Dataset excerpts:
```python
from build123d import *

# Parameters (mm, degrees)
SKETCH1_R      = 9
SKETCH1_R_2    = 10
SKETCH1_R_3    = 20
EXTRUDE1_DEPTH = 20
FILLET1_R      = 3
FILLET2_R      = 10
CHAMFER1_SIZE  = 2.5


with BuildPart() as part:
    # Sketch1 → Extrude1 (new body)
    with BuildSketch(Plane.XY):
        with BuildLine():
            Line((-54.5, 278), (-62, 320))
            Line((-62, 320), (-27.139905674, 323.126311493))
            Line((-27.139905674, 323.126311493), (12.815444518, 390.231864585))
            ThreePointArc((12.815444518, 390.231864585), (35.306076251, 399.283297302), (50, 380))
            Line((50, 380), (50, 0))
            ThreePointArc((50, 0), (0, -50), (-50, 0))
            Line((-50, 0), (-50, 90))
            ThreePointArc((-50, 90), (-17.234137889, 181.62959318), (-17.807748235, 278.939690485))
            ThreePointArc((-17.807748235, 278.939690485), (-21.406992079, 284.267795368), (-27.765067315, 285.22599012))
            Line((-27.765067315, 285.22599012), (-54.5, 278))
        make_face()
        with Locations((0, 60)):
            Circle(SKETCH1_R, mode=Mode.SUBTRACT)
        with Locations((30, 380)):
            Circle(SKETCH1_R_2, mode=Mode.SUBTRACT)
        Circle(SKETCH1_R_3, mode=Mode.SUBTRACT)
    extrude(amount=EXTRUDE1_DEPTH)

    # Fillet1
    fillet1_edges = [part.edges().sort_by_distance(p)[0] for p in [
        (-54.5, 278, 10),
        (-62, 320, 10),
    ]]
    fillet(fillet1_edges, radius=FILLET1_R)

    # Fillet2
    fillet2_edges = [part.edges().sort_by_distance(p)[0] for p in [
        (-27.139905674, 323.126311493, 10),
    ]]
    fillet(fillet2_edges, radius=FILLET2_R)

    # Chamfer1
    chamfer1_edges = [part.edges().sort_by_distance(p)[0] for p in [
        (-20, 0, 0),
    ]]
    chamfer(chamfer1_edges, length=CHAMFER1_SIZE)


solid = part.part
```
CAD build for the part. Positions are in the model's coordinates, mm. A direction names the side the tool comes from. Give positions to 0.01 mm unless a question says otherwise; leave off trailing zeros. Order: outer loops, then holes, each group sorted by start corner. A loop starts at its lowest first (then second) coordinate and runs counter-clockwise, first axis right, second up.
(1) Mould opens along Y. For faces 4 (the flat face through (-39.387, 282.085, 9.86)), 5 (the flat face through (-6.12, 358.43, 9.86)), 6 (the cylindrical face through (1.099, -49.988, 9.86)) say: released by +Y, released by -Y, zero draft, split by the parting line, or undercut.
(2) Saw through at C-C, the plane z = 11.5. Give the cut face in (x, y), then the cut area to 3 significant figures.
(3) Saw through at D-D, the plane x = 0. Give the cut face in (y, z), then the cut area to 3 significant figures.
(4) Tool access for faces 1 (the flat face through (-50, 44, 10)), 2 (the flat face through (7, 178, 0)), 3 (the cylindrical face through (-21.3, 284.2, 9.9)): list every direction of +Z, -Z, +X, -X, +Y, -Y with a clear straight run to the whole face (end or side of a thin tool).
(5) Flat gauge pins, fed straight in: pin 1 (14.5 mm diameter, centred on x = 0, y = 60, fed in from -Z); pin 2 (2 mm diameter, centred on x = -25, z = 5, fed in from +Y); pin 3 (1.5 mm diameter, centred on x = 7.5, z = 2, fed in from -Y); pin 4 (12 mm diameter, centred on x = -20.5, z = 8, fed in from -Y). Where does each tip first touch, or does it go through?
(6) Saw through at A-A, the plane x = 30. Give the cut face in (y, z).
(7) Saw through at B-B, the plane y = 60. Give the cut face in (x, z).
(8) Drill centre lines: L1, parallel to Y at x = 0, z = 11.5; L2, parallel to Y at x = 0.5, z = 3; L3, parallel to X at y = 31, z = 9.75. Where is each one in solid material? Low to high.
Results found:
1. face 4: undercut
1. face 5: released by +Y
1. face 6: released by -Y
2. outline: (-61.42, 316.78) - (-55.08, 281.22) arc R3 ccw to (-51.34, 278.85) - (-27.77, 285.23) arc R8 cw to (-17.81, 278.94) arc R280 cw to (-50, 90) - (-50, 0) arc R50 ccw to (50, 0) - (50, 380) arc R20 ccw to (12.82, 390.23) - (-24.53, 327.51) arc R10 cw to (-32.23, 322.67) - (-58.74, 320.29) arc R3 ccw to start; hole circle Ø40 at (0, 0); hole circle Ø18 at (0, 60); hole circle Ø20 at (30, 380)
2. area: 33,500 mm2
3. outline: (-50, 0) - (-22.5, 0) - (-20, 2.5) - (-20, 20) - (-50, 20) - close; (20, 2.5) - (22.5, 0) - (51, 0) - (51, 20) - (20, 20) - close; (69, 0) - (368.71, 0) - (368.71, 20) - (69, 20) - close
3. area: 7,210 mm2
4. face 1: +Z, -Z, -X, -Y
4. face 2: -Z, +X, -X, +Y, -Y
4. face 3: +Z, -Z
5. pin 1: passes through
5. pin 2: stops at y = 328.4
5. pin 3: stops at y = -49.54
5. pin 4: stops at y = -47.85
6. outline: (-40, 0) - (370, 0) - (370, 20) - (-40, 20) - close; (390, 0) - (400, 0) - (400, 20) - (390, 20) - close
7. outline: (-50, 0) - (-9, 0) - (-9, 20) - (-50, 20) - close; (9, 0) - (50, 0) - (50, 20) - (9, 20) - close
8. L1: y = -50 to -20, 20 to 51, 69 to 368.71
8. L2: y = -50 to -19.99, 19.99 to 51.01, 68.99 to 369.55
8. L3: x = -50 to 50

Exercise goal:
When you reach the end of the data, write every line out again verbatim.

Exercise answer:
```python
from build123d import *

# Parameters (mm, degrees)
SKETCH1_R      = 9
SKETCH1_R_2    = 10
SKETCH1_R_3    = 20
EXTRUDE1_DEPTH = 20
FILLET1_R      = 3
FILLET2_R      = 10
CHAMFER1_SIZE  = 2.5


with BuildPart() as part:
    # Sketch1 → Extrude1 (new body)
    with BuildSketch(Plane.XY):
        with BuildLine():
            Line((-54.5, 278), (-62, 320))
            Line((-62, 320), (-27.139905674, 323.126311493))
            Line((-27.139905674, 323.126311493), (12.815444518, 390.231864585))
            ThreePointArc((12.815444518, 390.231864585), (35.306076251, 399.283297302), (50, 380))
            Line((50, 380), (50, 0))
            ThreePointArc((50, 0), (0, -50), (-50, 0))
            Line((-50, 0), (-50, 90))
            ThreePointArc((-50, 90), (-17.234137889, 181.62959318), (-17.807748235, 278.939690485))
            ThreePointArc((-17.807748235, 278.939690485), (-21.406992079, 284.267795368), (-27.765067315, 285.22599012))
            Line((-27.765067315, 285.22599012), (-54.5, 278))
        make_face()
        with Locations((0, 60)):
            Circle(SKETCH1_R, mode=Mode.SUBTRACT)
        with Locations((30, 380)):
            Circle(SKETCH1_R_2, mode=Mode.SUBTRACT)
        Circle(SKETCH1_R_3, mode=Mode.SUBTRACT)
    extrude(amount=EXTRUDE1_DEPTH)

    # Fillet1
    fillet1_edges = [part.edges().sort_by_distance(p)[0] for p in [
        (-54.5, 278, 10),
        (-62, 320, 10),
    ]]
    fillet(fillet1_edges, radius=FILLET1_R)

    # Fillet2
    fillet2_edges = [part.edges().sort_by_distance(p)[0] for p in [
        (-27.139905674, 323.126311493, 10),
    ]]
    fillet(fillet2_edges, radius=FILLET2_R)

    # Chamfer1
    chamfer1_edges = [part.edges().sort_by_distance(p)[0] for p in [
        (-20, 0, 0),
    ]]
    chamfer(chamfer1_edges, length=CHAMFER1_SIZE)


solid = part.part
```
CAD build for the part. Positions are in the model's coordinates, mm. A direction names the side the tool comes from. Give positions to 0.01 mm unless a question says otherwise; leave off trailing zeros. Order: outer loops, then holes, each group sorted by start corner. A loop starts at its lowest first (then second) coordinate and runs counter-clockwise, first axis right, second up.
(1) Mould opens along Y. For faces 4 (the flat face through (-39.387, 282.085, 9.86)), 5 (the flat face through (-6.12, 358.43, 9.86)), 6 (the cylindrical face through (1.099, -49.988, 9.86)) say: released by +Y, released by -Y, zero draft, split by the parting line, or undercut.
(2) Saw through at C-C, the plane z = 11.5. Give the cut face in (x, y), then the cut area to 3 significant figures.
(3) Saw through at D-D, the plane x = 0. Give the cut face in (y, z), then the cut area to 3 significant figures.
(4) Tool access for faces 1 (the flat face through (-50, 44, 10)), 2 (the flat face through (7, 178, 0)), 3 (the cylindrical face through (-21.3, 284.2, 9.9)): list every direction of +Z, -Z, +X, -X, +Y, -Y with a clear straight run to the whole face (end or side of a thin tool).
(5) Flat gauge pins, fed straight in: pin 1 (14.5 mm diameter, centred on x = 0, y = 60, fed in from -Z); pin 2 (2 mm diameter, centred on x = -25, z = 5, fed in from +Y); pin 3 (1.5 mm diameter, centred on x = 7.5, z = 2, fed in from -Y); pin 4 (12 mm diameter, centred on x = -20.5, z = 8, fed in from -Y). Where does each tip first touch, or does it go through?
(6) Saw through at A-A, the plane x = 30. Give the cut face in (y, z).
(7) Saw through at B-B, the plane y = 60. Give the cut face in (x, z).
(8) Drill centre lines: L1, parallel to Y at x = 0, z = 11.5; L2, parallel to Y at x = 0.5, z = 3; L3, parallel to X at y = 31, z = 9.75. Where is each one in solid material? Low to high.
Results found:
1. face 4: undercut
1. face 5: released by +Y
1. face 6: released by -Y
2. outline: (-61.42, 316.78) - (-55.08, 281.22) arc R3 ccw to (-51.34, 278.85) - (-27.77, 285.23) arc R8 cw to (-17.81, 278.94) arc R280 cw to (-50, 90) - (-50, 0) arc R50 ccw to (50, 0) - (50, 380) arc R20 ccw to (12.82, 390.23) - (-24.53, 327.51) arc R10 cw to (-32.23, 322.67) - (-58.74, 320.29) arc R3 ccw to start; hole circle Ø40 at (0, 0); hole circle Ø18 at (0, 60); hole circle Ø20 at (30, 380)
2. area: 33,500 mm2
3. outline: (-50, 0) - (-22.5, 0) - (-20, 2.5) - (-20, 20) - (-50, 20) - close; (20, 2.5) - (22.5, 0) - (51, 0) - (51, 20) - (20, 20) - close; (69, 0) - (368.71, 0) - (368.71, 20) - (69, 20) - close
3. area: 7,210 mm2
4. face 1: +Z, -Z, -X, -Y
4. face 2: -Z, +X, -X, +Y, -Y
4. face 3: +Z, -Z
5. pin 1: passes through
5. pin 2: stops at y = 328.4
5. pin 3: stops at y = -49.54
5. pin 4: stops at y = -47.85
6. outline: (-40, 0) - (370, 0) - (370, 20) - (-40, 20) - close; (390, 0) - (400, 0) - (400, 20) - (390, 20) - close
7. outline: (-50, 0) - (-9, 0) - (-9, 20) - (-50, 20) - close; (9, 0) - (50, 0) - (50, 20) - (9, 20) - close
8. L1: y = -50 to -20, 20 to 51, 69 to 368.71
8. L2: y = -50 to -19.99, 19.99 to 51.01, 68.99 to 369.55
8. L3: x = -50 to 50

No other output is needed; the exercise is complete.